(Saved entries)
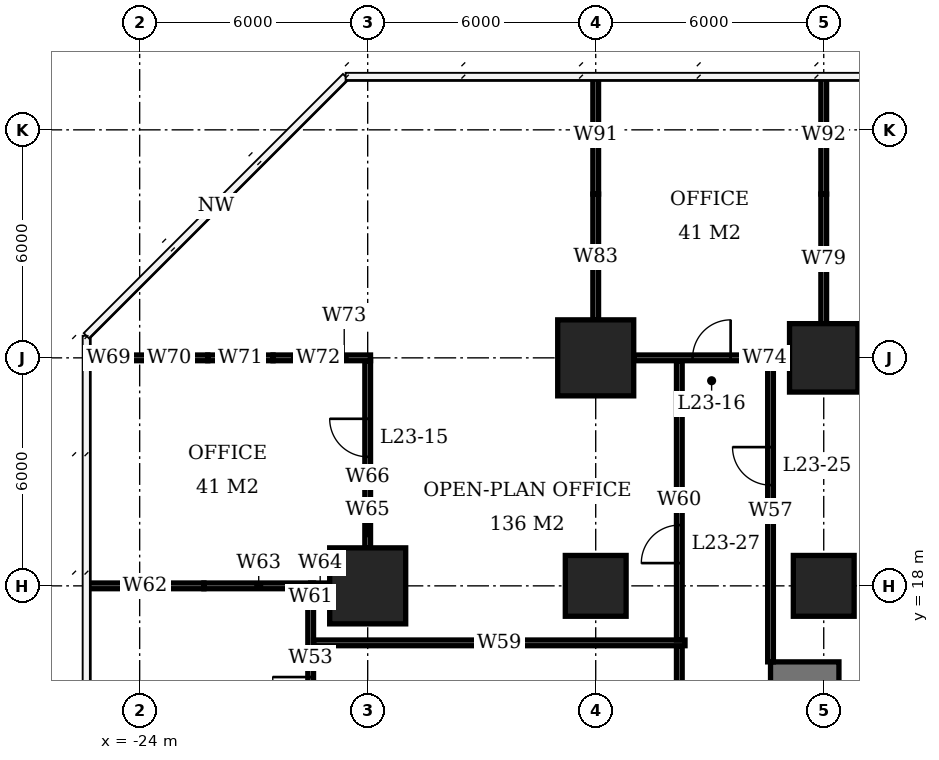
"""IFC4 building model, lengths in metres.
Left out: names, types, materials, properties, quantities, classifications, styles, units other than length and angle.
Written with IfcOpenShell. Run it as: python <this file> out.ifc"""

import sys

from ifc_helpers import new_model, si_unit, direction, frame, frame_2d, origin, origin_2d, place, context, subcontext, project, spatial, rectangle, extrude, element, fill, save


model = new_model("IFC4")
c1 = context("Model", 3, precision=1e-05, world=origin(), true_north=direction((0.0, 1.0)))
c2 = subcontext(c1, "Body", "Model", "MODEL_VIEW")
j1 = project(units=[si_unit("LENGTHUNIT", "METRE"), si_unit("PLANEANGLEUNIT", "RADIAN")], contexts=[c1])
p1 = place(None, origin())
s1 = spatial("IfcSite", under=j1, at=p1, CompositionType="ELEMENT")
p2 = place(p1, origin())
s2 = spatial("IfcBuilding", under=s1, at=p2, CompositionType="ELEMENT")
p3 = place(p2, frame((0.0, 0.0, 97.7)))
s3 = spatial("IfcBuildingStorey", under=s2, at=p3, CompositionType="ELEMENT", Elevation=97.7)
p4 = place(p3, frame((-18.0, 18.0, 0.0), z_axis=(0.0, 0.0, 1.0), x_axis=(1.0, 0.0, 0.0)))
e1 = element("IfcColumn", 1, at=p4, inside=s3, PredefinedType="COLUMN", context=c2, shape_type="SweptSolid", body=[
    extrude(rectangle(XDim=2.0, YDim=2.0, at=origin_2d()), origin(), (0.0, 0.0, 1.0), 3.9),
])
p5 = place(p3, frame((-12.0, 18.0, 0.0), z_axis=(0.0, 0.0, 1.0), x_axis=(1.0, 0.0, 0.0)))
e2 = element("IfcColumn", 2, at=p5, inside=s3, PredefinedType="COLUMN", context=c2, shape_type="SweptSolid", body=[
    extrude(rectangle(XDim=1.6, YDim=1.6, at=origin_2d()), origin(), (0.0, 0.0, 1.0), 3.9),
])
p6 = place(p3, frame((-12.0, 24.0, 0.0), z_axis=(0.0, 0.0, 1.0), x_axis=(1.0, 0.0, 0.0)))
e3 = element("IfcColumn", 3, at=p6, inside=s3, PredefinedType="COLUMN", context=c2, shape_type="SweptSolid", body=[
    extrude(rectangle(XDim=2.0, YDim=2.0, at=origin_2d()), origin(), (0.0, 0.0, 1.0), 3.9),
])
p7 = place(p3, frame((-6.0, 18.0, 0.0), z_axis=(0.0, 0.0, 1.0), x_axis=(1.0, 0.0, 0.0)))
e4 = element("IfcColumn", 4, at=p7, inside=s3, PredefinedType="COLUMN", context=c2, shape_type="SweptSolid", body=[
    extrude(rectangle(XDim=1.6, YDim=1.6, at=origin_2d()), origin(), (0.0, 0.0, 1.0), 3.9),
])
p8 = place(p3, frame((-6.0, 24.0, 0.0), z_axis=(0.0, 0.0, 1.0), x_axis=(1.0, 0.0, 0.0)))
e5 = element("IfcColumn", 5, at=p8, inside=s3, PredefinedType="COLUMN", context=c2, shape_type="SweptSolid", body=[
    extrude(rectangle(XDim=1.8, YDim=1.8, at=origin_2d()), origin(), (0.0, 0.0, 1.0), 3.9),
])
p9 = place(p3, frame((-6.5, 13.6, 0.0), z_axis=(0.0, 0.0, 1.0), x_axis=(0.0, 1.0, 0.0)))
e6 = element("IfcWall", 6, at=p9, inside=s3, PredefinedType="SHEAR", context=c2, shape_type="SweptSolid", body=[
    extrude(rectangle(XDim=2.4, YDim=1.8, at=frame_2d((1.2, 0.0))), origin(), (0.0, 0.0, 1.0), 3.9),
])
p10 = place(p3, frame((-25.4, 18.0, 0.0), z_axis=(0.0, 0.0, 1.0), x_axis=(1.0, 0.0, 0.0)))
e7 = element("IfcWall", 7, at=p10, inside=s3, PredefinedType="PARTITIONING", context=c2, shape_type="SweptSolid", body=[
    extrude(rectangle(XDim=3.09, YDim=0.15, at=frame_2d((1.545, 0.0))), origin(), (0.0, 0.0, 1.0), 3.65),
])
p11 = place(p3, frame((-22.31, 18.0, 0.0), z_axis=(0.0, 0.0, 1.0), x_axis=(1.0, 0.0, 0.0)))
e8 = element("IfcWall", 8, at=p11, inside=s3, PredefinedType="PARTITIONING", context=c2, shape_type="SweptSolid", body=[
    extrude(rectangle(XDim=2.885, YDim=0.15, at=frame_2d((1.442, 0.0))), origin(), (0.0, 0.0, 1.0), 2.65),
])
p12 = place(p3, frame((-19.5, 18.0, 0.0), z_axis=(0.0, 0.0, 1.0), x_axis=(1.0, 0.0, 0.0)))
e9 = element("IfcWall", 9, at=p12, inside=s3, PredefinedType="PARTITIONING", context=c2, shape_type="SweptSolid", body=[
    extrude(rectangle(XDim=0.5, YDim=0.15, at=frame_2d((0.25, 0.0))), origin(), (0.0, 0.0, 1.0), 2.65),
])
p13 = place(p3, frame((-25.4, 24.0, 0.0), z_axis=(0.0, 0.0, 1.0), x_axis=(1.0, 0.0, 0.0)))
e10 = element("IfcWall", 10, at=p13, inside=s3, PredefinedType="PARTITIONING", context=c2, shape_type="SweptSolid", body=[
    extrude(rectangle(XDim=1.163, YDim=0.15, at=frame_2d((0.582, 0.0))), origin(), (0.0, 0.0, 1.0), 3.65),
])
p14 = place(p3, frame((-24.237, 24.0, 0.0), z_axis=(0.0, 0.0, 1.0), x_axis=(1.0, 0.0, 0.0)))
e11 = element("IfcWall", 11, at=p14, inside=s3, PredefinedType="PARTITIONING", context=c2, shape_type="SweptSolid", body=[
    extrude(rectangle(XDim=2.029, YDim=0.15, at=frame_2d((1.015, 0.0))), origin(), (0.0, 0.0, 1.0), 2.65),
])
p15 = place(p3, frame((-22.208, 24.0, 0.0), z_axis=(0.0, 0.0, 1.0), x_axis=(1.0, 0.0, 0.0)))
e12 = element("IfcWall", 12, at=p15, inside=s3, PredefinedType="PARTITIONING", context=c2, shape_type="SweptSolid", body=[
    extrude(rectangle(XDim=1.718, YDim=0.15, at=frame_2d((0.859, 0.0))), origin(), (0.0, 0.0, 1.0), 3.65),
])
p16 = place(p3, frame((-20.49, 24.0, 0.0), z_axis=(0.0, 0.0, 1.0), x_axis=(1.0, 0.0, 0.0)))
e13 = element("IfcWall", 13, at=p16, inside=s3, PredefinedType="PARTITIONING", context=c2, shape_type="SweptSolid", body=[
    extrude(rectangle(XDim=1.18, YDim=0.15, at=frame_2d((0.59, 0.0))), origin(), (0.0, 0.0, 1.0), 2.65),
])
p17 = place(p3, frame((-19.31, 24.0, 0.0), z_axis=(0.0, 0.0, 1.0), x_axis=(1.0, 0.0, 0.0)))
e14 = element("IfcWall", 14, at=p17, inside=s3, PredefinedType="PARTITIONING", context=c2, shape_type="SweptSolid", body=[
    extrude(rectangle(XDim=1.385, YDim=0.15, at=frame_2d((0.692, 0.0))), origin(), (0.0, 0.0, 1.0), 3.65),
])
p18 = place(p3, frame((-11.0, 24.0, 0.0), z_axis=(0.0, 0.0, 1.0), x_axis=(1.0, 0.0, 0.0)))
e15 = element("IfcWall", 15, at=p18, inside=s3, PredefinedType="PARTITIONING", context=c2, shape_type="SweptSolid", body=[
    extrude(rectangle(XDim=4.1, YDim=0.15, at=frame_2d((2.05, 0.0))), origin(), (0.0, 0.0, 1.0), 3.65),
])
p19 = place(p18, frame((1.55, 0.0, 0.0)))
e16 = element("IfcOpeningElement", 16, at=p19, cuts=e15, PredefinedType="OPENING", context=c2, shape_type="SweptSolid", body=[
    extrude(rectangle(XDim=1.0, YDim=2.1, at=frame_2d((0.5, 1.05))), frame((0.0, 0.085, 0.0), z_axis=(0.0, -1.0, 0.0), x_axis=(1.0, 0.0, 0.0)), (0.0, 0.0, 1.0), 0.17),
])
p20 = place(p3, frame((-5.1, 24.0, 0.0), z_axis=(0.0, 0.0, 1.0), x_axis=(1.0, 0.0, 0.0)))
e17 = element("IfcWall", 17, at=p20, inside=s3, PredefinedType="PARTITIONING", context=c2, shape_type="SweptSolid", body=[
    extrude(rectangle(XDim=4.2, YDim=0.15, at=frame_2d((2.1, 0.0))), origin(), (0.0, 0.0, 1.0), 3.65),
])
p21 = place(p20, frame((1.6, 0.0, 0.0)))
e18 = element("IfcOpeningElement", 18, at=p21, cuts=e17, PredefinedType="OPENING", context=c2, shape_type="SweptSolid", body=[
    extrude(rectangle(XDim=1.0, YDim=2.1, at=frame_2d((0.5, 1.05))), frame((0.0, 0.085, 0.0), z_axis=(0.0, -1.0, 0.0), x_axis=(1.0, 0.0, 0.0)), (0.0, 0.0, 1.0), 0.17),
])
p22 = place(p3, frame((-19.5, 12.71, 0.0), z_axis=(0.0, 0.0, 1.0), x_axis=(0.0, 1.0, 0.0)))
e19 = element("IfcWall", 19, at=p22, inside=s3, PredefinedType="PARTITIONING", context=c2, shape_type="SweptSolid", body=[
    extrude(rectangle(XDim=4.78, YDim=0.15, at=frame_2d((2.39, 0.0))), origin(), (0.0, 0.0, 1.0), 3.65),
])
p23 = place(p22, frame((1.89, 0.0, 0.0)))
e20 = element("IfcOpeningElement", 20, at=p23, cuts=e19, PredefinedType="OPENING", context=c2, shape_type="SweptSolid", body=[
    extrude(rectangle(XDim=1.0, YDim=2.1, at=frame_2d((0.5, 1.05))), frame((0.0, 0.085, 0.0), z_axis=(0.0, -1.0, 0.0), x_axis=(1.0, 0.0, 0.0)), (0.0, 0.0, 1.0), 0.17),
])
p24 = place(p3, frame((-19.5, 17.49, 0.0), z_axis=(0.0, 0.0, 1.0), x_axis=(0.0, 1.0, 0.0)))
e21 = element("IfcWall", 21, at=p24, inside=s3, PredefinedType="PARTITIONING", context=c2, shape_type="SweptSolid", body=[
    extrude(rectangle(XDim=0.435, YDim=0.15, at=frame_2d((0.218, 0.0))), origin(), (0.0, 0.0, 1.0), 2.65),
])
p25 = place(p3, frame((-18.0, 19.0, 0.0), z_axis=(0.0, 0.0, 1.0), x_axis=(0.0, 1.0, 0.0)))
e22 = element("IfcWall", 22, at=p25, inside=s3, PredefinedType="PARTITIONING", context=c2, shape_type="SweptSolid", body=[
    extrude(rectangle(XDim=0.792, YDim=0.15, at=frame_2d((0.396, 0.0))), origin(), (0.0, 0.0, 1.0), 2.65),
])
p26 = place(p3, frame((-18.0, 19.792, 0.0), z_axis=(0.0, 0.0, 1.0), x_axis=(0.0, 1.0, 0.0)))
e23 = element("IfcWall", 23, at=p26, inside=s3, PredefinedType="PARTITIONING", context=c2, shape_type="SweptSolid", body=[
    extrude(rectangle(XDim=4.133, YDim=0.15, at=frame_2d((2.066, 0.0))), origin(), (0.0, 0.0, 1.0), 3.65),
])
p27 = place(p26, frame((1.604, 0.0, 0.0)))
e24 = element("IfcOpeningElement", 24, at=p27, cuts=e23, PredefinedType="OPENING", context=c2, shape_type="SweptSolid", body=[
    extrude(rectangle(XDim=1.0, YDim=2.1, at=frame_2d((0.5, 1.05))), frame((0.0, 0.085, 0.0), z_axis=(0.0, -1.0, 0.0), x_axis=(1.0, 0.0, 0.0)), (0.0, 0.0, 1.0), 0.17),
])
p28 = place(p3, frame((-12.0, 25.0, 0.0), z_axis=(0.0, 0.0, 1.0), x_axis=(0.0, 1.0, 0.0)))
e25 = element("IfcWall", 25, at=p28, inside=s3, PredefinedType="PARTITIONING", context=c2, shape_type="SweptSolid", body=[
    extrude(rectangle(XDim=3.31, YDim=0.15, at=frame_2d((1.655, 0.0))), origin(), (0.0, 0.0, 1.0), 2.65),
])
p29 = place(p3, frame((-12.0, 28.31, 0.0), z_axis=(0.0, 0.0, 1.0), x_axis=(0.0, 1.0, 0.0)))
e26 = element("IfcWall", 26, at=p29, inside=s3, PredefinedType="PARTITIONING", context=c2, shape_type="SweptSolid", body=[
    extrude(rectangle(XDim=3.09, YDim=0.15, at=frame_2d((1.545, 0.0))), origin(), (0.0, 0.0, 1.0), 3.65),
])
p30 = place(p3, frame((-6.0, 24.9, 0.0), z_axis=(0.0, 0.0, 1.0), x_axis=(0.0, 1.0, 0.0)))
e27 = element("IfcWall", 27, at=p30, inside=s3, PredefinedType="PARTITIONING", context=c2, shape_type="SweptSolid", body=[
    extrude(rectangle(XDim=3.41, YDim=0.15, at=frame_2d((1.705, 0.0))), origin(), (0.0, 0.0, 1.0), 2.65),
])
p31 = place(p3, frame((-6.0, 28.31, 0.0), z_axis=(0.0, 0.0, 1.0), x_axis=(0.0, 1.0, 0.0)))
e28 = element("IfcWall", 28, at=p31, inside=s3, PredefinedType="PARTITIONING", context=c2, shape_type="SweptSolid", body=[
    extrude(rectangle(XDim=3.09, YDim=0.15, at=frame_2d((1.545, 0.0))), origin(), (0.0, 0.0, 1.0), 3.65),
])
p32 = place(p3, frame((-19.425, 16.5, 0.0), z_axis=(0.0, 0.0, 1.0), x_axis=(1.0, 0.0, 0.0)))
e29 = element("IfcWall", 29, at=p32, inside=s3, PredefinedType="PARTITIONING", context=c2, shape_type="SweptSolid", body=[
    extrude(rectangle(XDim=9.775, YDim=0.15, at=frame_2d((4.888, 0.0))), origin(), (0.0, 0.0, 1.0), 3.65),
])
p33 = place(p3, frame((-9.8, 4.575, 0.0), z_axis=(0.0, 0.0, 1.0), x_axis=(0.0, 1.0, 0.0)))
e30 = element("IfcWall", 30, at=p33, inside=s3, PredefinedType="PARTITIONING", context=c2, shape_type="SweptSolid", body=[
    extrude(rectangle(XDim=11.85, YDim=0.15, at=frame_2d((5.925, 0.0))), origin(), (0.0, 0.0, 1.0), 3.65),
])
p34 = place(p33, frame((3.625, 0.0, 0.0)))
e31 = element("IfcOpeningElement", 31, at=p34, cuts=e30, PredefinedType="OPENING", context=c2, shape_type="SweptSolid", body=[
    extrude(rectangle(XDim=1.0, YDim=2.1, at=frame_2d((0.5, 1.05))), frame((0.0, 0.085, 0.0), z_axis=(0.0, -1.0, 0.0), x_axis=(1.0, 0.0, 0.0)), (0.0, 0.0, 1.0), 0.17),
])
p35 = place(p3, frame((-9.8, 16.575, 0.0), z_axis=(0.0, 0.0, 1.0), x_axis=(0.0, 1.0, 0.0)))
e32 = element("IfcWall", 32, at=p35, inside=s3, PredefinedType="PARTITIONING", context=c2, shape_type="SweptSolid", body=[
    extrude(rectangle(XDim=7.35, YDim=0.15, at=frame_2d((3.675, 0.0))), origin(), (0.0, 0.0, 1.0), 3.65),
])
p36 = place(p35, frame((2.024, 0.0, 0.0)))
e33 = element("IfcOpeningElement", 33, at=p36, cuts=e32, PredefinedType="OPENING", context=c2, shape_type="SweptSolid", body=[
    extrude(rectangle(XDim=1.0, YDim=2.1, at=frame_2d((0.5, 1.05))), frame((0.0, 0.085, 0.0), z_axis=(0.0, -1.0, 0.0), x_axis=(1.0, 0.0, 0.0)), (0.0, 0.0, 1.0), 0.17),
])
p37 = place(p3, frame((-7.4, 16.0, 0.0), z_axis=(0.0, 0.0, 1.0), x_axis=(0.0, 1.0, 0.0)))
e34 = element("IfcWall", 34, at=p37, inside=s3, PredefinedType="PARTITIONING", context=c2, shape_type="SweptSolid", body=[
    extrude(rectangle(XDim=7.925, YDim=0.15, at=frame_2d((3.962, 0.0))), origin(), (0.0, 0.0, 1.0), 3.65),
])
p38 = place(p37, frame((4.651, 0.0, 0.0)))
e35 = element("IfcOpeningElement", 35, at=p38, cuts=e34, PredefinedType="OPENING", context=c2, shape_type="SweptSolid", body=[
    extrude(rectangle(XDim=1.0, YDim=2.1, at=frame_2d((0.5, 1.05))), frame((0.0, 0.085, 0.0), z_axis=(0.0, -1.0, 0.0), x_axis=(1.0, 0.0, 0.0)), (0.0, 0.0, 1.0), 0.17),
])
p39 = place(p23, origin())
e36 = element("IfcDoor", 36, at=p39, inside=s3, OperationType="SINGLE_SWING_RIGHT", PredefinedType="DOOR", context=c2, shape_type="SweptSolid", body=[
    extrude(rectangle(XDim=1.0, YDim=2.1, at=frame_2d((0.5, 1.05))), frame((0.0, 0.025, 0.0), z_axis=(0.0, -1.0, 0.0), x_axis=(1.0, 0.0, 0.0)), (0.0, 0.0, 1.0), 0.05),
])
fill(e20, e36)
p40 = place(p27, origin())
e37 = element("IfcDoor", 37, at=p40, inside=s3, OperationType="SINGLE_SWING_RIGHT", PredefinedType="DOOR", context=c2, shape_type="SweptSolid", body=[
    extrude(rectangle(XDim=1.0, YDim=2.1, at=frame_2d((0.5, 1.05))), frame((0.0, 0.025, 0.0), z_axis=(0.0, -1.0, 0.0), x_axis=(1.0, 0.0, 0.0)), (0.0, 0.0, 1.0), 0.05),
])
fill(e24, e37)
p41 = place(p19, origin())
e38 = element("IfcDoor", 38, at=p41, inside=s3, OperationType="SINGLE_SWING_RIGHT", PredefinedType="DOOR", context=c2, shape_type="SweptSolid", body=[
    extrude(rectangle(XDim=1.0, YDim=2.1, at=frame_2d((0.5, 1.05))), frame((0.0, 0.025, 0.0), z_axis=(0.0, -1.0, 0.0), x_axis=(1.0, 0.0, 0.0)), (0.0, 0.0, 1.0), 0.05),
])
fill(e16, e38)
p42 = place(p38, origin())
e39 = element("IfcDoor", 39, at=p42, inside=s3, OperationType="SINGLE_SWING_RIGHT", PredefinedType="DOOR", context=c2, shape_type="SweptSolid", body=[
    extrude(rectangle(XDim=1.0, YDim=2.1, at=frame_2d((0.5, 1.05))), frame((0.0, 0.025, 0.0), z_axis=(0.0, -1.0, 0.0), x_axis=(1.0, 0.0, 0.0)), (0.0, 0.0, 1.0), 0.05),
])
fill(e35, e39)
p43 = place(p36, origin())
e40 = element("IfcDoor", 40, at=p43, inside=s3, OperationType="SINGLE_SWING_LEFT", PredefinedType="DOOR", context=c2, shape_type="SweptSolid", body=[
    extrude(rectangle(XDim=1.0, YDim=2.1, at=frame_2d((0.5, 1.05))), frame((0.0, 0.025, 0.0), z_axis=(0.0, -1.0, 0.0), x_axis=(1.0, 0.0, 0.0)), (0.0, 0.0, 1.0), 0.05),
])
fill(e33, e40)
save(model, sys.argv[1])

### EXERCISE OBJECTIVE:
Reading through the records above, report each line in which the string "import" is found.

### SOLUTION FOR THIS EXERCISE:
import sys
from ifc_helpers import new_model, si_unit, direction, frame, frame_2d, origin, origin_2d, place, context, subcontext, project, spatial, rectangle, extrude, element, fill, save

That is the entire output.